Items from a dataset
□ □ □ □ □ □ □

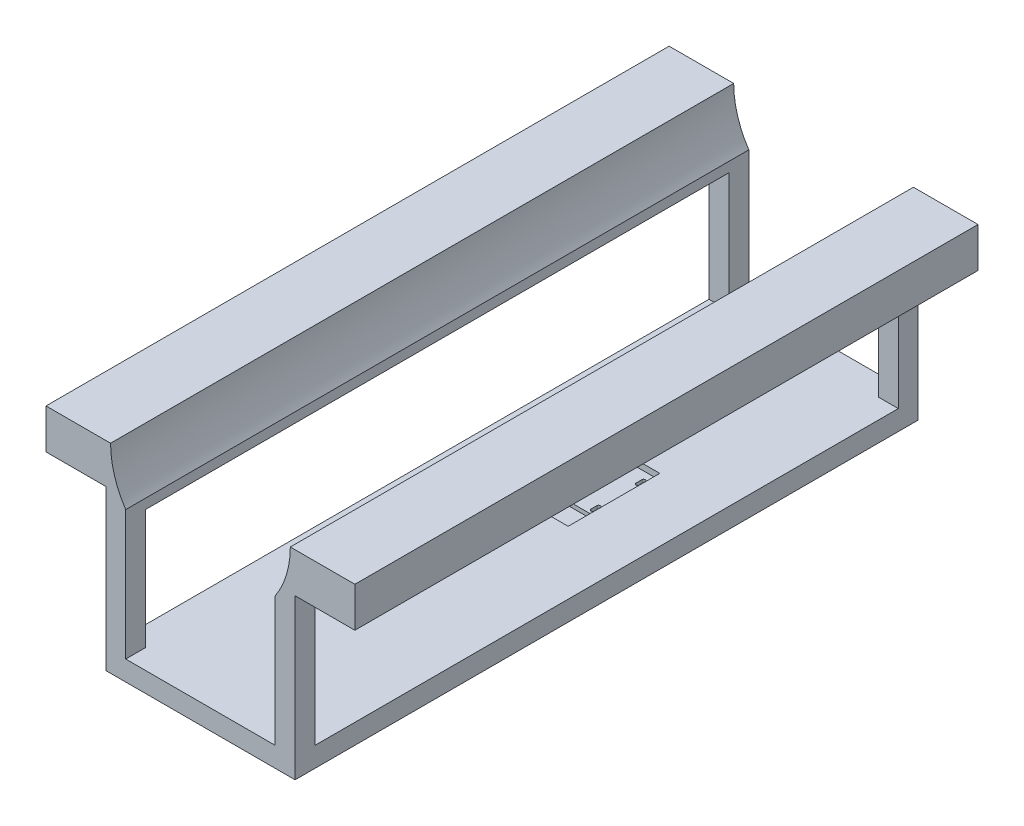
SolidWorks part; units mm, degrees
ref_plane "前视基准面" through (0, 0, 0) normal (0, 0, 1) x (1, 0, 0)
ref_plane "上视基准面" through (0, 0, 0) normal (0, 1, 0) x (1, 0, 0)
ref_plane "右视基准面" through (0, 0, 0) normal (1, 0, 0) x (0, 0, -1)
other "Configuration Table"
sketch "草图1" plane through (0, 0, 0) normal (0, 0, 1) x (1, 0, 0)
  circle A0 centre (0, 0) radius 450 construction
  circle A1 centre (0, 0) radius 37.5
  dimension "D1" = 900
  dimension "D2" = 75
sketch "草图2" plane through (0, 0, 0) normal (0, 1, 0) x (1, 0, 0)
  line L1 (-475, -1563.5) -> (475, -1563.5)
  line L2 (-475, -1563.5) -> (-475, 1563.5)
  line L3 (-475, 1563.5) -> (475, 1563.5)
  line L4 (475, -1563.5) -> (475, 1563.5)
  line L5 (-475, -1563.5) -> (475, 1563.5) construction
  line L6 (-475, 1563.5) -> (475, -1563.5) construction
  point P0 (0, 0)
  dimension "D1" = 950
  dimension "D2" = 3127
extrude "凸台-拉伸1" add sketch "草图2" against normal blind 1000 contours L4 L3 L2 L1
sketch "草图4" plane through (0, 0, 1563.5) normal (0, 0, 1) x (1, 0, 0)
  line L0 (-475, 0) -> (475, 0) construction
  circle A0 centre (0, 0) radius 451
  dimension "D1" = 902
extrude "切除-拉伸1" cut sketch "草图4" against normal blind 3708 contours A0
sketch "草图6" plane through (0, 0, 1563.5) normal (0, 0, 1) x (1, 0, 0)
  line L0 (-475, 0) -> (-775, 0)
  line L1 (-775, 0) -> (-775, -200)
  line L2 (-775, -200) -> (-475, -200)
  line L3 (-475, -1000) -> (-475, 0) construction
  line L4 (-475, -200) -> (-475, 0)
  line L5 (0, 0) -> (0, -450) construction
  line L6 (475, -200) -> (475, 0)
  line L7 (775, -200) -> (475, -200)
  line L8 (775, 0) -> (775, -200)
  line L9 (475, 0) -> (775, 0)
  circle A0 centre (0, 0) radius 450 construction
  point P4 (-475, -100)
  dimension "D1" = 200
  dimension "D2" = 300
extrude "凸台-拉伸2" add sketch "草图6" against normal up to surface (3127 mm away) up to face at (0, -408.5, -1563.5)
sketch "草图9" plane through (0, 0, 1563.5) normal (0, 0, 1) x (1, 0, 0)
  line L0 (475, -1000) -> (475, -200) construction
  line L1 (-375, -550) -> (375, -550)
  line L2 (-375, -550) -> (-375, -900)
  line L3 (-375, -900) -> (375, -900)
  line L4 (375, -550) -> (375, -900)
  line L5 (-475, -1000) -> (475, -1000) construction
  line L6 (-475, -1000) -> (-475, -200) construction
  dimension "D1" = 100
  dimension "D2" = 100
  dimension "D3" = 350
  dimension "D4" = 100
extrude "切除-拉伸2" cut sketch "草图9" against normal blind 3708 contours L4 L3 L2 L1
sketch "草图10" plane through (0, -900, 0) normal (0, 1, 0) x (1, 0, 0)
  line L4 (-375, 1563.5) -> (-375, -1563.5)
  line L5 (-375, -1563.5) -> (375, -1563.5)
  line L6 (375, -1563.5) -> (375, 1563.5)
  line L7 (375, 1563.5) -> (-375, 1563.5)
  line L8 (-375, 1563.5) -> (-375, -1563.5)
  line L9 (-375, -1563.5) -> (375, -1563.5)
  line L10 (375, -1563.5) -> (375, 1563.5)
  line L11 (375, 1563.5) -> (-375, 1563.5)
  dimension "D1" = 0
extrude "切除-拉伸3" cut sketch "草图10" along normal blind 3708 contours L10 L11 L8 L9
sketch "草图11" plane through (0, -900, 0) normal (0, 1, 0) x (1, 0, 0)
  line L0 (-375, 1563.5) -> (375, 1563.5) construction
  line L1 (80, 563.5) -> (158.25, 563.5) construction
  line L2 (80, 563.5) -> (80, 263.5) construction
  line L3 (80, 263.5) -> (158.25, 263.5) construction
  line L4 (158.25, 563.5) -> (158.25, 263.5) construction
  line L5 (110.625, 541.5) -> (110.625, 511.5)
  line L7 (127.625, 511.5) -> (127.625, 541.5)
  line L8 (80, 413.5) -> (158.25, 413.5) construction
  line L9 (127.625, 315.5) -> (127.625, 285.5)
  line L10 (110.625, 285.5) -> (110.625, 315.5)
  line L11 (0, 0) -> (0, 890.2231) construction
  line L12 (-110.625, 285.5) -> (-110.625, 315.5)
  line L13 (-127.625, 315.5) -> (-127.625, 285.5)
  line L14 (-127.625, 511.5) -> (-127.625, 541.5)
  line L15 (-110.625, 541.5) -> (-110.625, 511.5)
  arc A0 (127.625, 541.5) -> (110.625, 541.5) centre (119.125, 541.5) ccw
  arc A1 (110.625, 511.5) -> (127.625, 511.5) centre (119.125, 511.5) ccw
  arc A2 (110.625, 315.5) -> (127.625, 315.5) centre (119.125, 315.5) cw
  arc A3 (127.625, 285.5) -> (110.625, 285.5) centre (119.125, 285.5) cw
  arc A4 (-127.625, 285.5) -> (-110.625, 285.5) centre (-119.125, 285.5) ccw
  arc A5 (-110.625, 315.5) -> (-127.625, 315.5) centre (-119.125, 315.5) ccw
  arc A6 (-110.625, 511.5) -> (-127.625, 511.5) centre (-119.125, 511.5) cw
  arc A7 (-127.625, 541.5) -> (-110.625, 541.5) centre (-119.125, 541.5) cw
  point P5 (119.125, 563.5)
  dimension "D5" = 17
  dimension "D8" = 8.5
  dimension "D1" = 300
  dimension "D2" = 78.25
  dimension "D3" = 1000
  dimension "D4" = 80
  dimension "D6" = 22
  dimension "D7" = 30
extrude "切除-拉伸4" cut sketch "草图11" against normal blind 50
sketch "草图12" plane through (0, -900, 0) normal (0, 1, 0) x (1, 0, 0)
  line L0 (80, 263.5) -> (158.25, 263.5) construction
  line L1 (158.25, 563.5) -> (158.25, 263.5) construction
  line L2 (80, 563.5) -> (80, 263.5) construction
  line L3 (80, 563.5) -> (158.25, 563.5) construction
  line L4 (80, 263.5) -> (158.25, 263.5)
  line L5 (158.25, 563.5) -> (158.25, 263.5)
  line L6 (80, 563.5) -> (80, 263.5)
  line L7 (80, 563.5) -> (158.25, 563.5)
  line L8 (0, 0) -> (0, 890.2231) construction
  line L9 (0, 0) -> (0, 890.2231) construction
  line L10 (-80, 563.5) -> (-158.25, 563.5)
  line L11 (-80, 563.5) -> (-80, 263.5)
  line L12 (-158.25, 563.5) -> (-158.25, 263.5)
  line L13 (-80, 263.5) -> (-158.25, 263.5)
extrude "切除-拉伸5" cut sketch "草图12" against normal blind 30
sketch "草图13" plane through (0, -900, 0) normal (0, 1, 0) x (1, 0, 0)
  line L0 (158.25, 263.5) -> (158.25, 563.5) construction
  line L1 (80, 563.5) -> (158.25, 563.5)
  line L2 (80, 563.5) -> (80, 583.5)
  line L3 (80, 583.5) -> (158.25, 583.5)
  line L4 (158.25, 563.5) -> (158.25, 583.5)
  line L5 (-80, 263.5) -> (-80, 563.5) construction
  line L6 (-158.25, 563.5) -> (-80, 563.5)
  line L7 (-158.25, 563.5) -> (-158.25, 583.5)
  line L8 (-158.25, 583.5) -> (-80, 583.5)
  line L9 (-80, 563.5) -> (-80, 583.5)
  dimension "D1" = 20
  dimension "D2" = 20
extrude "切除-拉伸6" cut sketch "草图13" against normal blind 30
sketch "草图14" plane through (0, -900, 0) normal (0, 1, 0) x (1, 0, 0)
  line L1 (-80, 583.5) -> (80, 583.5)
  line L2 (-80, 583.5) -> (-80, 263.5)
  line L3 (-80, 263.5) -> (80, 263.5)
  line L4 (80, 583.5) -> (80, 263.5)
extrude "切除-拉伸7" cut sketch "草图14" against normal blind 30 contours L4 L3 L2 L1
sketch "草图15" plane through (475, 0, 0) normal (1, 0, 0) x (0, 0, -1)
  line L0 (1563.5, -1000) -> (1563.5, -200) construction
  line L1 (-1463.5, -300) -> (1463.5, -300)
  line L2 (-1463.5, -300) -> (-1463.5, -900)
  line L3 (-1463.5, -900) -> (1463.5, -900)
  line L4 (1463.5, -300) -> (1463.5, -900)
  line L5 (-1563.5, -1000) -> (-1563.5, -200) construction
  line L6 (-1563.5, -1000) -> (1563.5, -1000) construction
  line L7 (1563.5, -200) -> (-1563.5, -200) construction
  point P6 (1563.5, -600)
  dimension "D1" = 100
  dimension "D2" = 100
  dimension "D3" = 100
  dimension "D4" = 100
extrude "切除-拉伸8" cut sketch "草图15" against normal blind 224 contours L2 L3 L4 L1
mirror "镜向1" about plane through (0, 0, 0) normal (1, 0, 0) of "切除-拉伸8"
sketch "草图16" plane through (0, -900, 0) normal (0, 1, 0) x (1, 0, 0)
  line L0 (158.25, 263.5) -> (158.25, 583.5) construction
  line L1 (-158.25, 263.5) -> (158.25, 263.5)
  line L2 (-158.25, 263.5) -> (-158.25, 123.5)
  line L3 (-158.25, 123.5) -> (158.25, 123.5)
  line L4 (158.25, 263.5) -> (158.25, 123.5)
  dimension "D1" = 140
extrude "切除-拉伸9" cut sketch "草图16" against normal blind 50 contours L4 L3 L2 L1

□ □ □ □ □ □ □

Write out exactly the lines that fall from the line with "line L13 (-80, 263.5) -> (-158.25, 263.5)" to the line with "L2 L3 L4 L1" in the records above, keeping both ends.

  line L13 (-80, 263.5) -> (-158.25, 263.5)
extrude "切除-拉伸5" cut sketch "草图12" against normal blind 30
sketch "草图13" plane through (0, -900, 0) normal (0, 1, 0) x (1, 0, 0)
  line L0 (158.25, 263.5) -> (158.25, 563.5) construction
  line L1 (80, 563.5) -> (158.25, 563.5)
  line L2 (80, 563.5) -> (80, 583.5)
  line L3 (80, 583.5) -> (158.25, 583.5)
  line L4 (158.25, 563.5) -> (158.25, 583.5)
  line L5 (-80, 263.5) -> (-80, 563.5) construction
  line L6 (-158.25, 563.5) -> (-80, 563.5)
  line L7 (-158.25, 563.5) -> (-158.25, 583.5)
  line L8 (-158.25, 583.5) -> (-80, 583.5)
  line L9 (-80, 563.5) -> (-80, 583.5)
  dimension "D1" = 20
  dimension "D2" = 20
extrude "切除-拉伸6" cut sketch "草图13" against normal blind 30
sketch "草图14" plane through (0, -900, 0) normal (0, 1, 0) x (1, 0, 0)
  line L1 (-80, 583.5) -> (80, 583.5)
  line L2 (-80, 583.5) -> (-80, 263.5)
  line L3 (-80, 263.5) -> (80, 263.5)
  line L4 (80, 583.5) -> (80, 263.5)
extrude "切除-拉伸7" cut sketch "草图14" against normal blind 30 contours L4 L3 L2 L1
sketch "草图15" plane through (475, 0, 0) normal (1, 0, 0) x (0, 0, -1)
  line L0 (1563.5, -1000) -> (1563.5, -200) construction
  line L1 (-1463.5, -300) -> (1463.5, -300)
  line L2 (-1463.5, -300) -> (-1463.5, -900)
  line L3 (-1463.5, -900) -> (1463.5, -900)
  line L4 (1463.5, -300) -> (1463.5, -900)
  line L5 (-1563.5, -1000) -> (-1563.5, -200) construction
  line L6 (-1563.5, -1000) -> (1563.5, -1000) construction
  line L7 (1563.5, -200) -> (-1563.5, -200) construction
  point P6 (1563.5, -600)
  dimension "D1" = 100
  dimension "D2" = 100
  dimension "D3" = 100
  dimension "D4" = 100
extrude "切除-拉伸8" cut sketch "草图15" against normal blind 224 contours L2 L3 L4 L1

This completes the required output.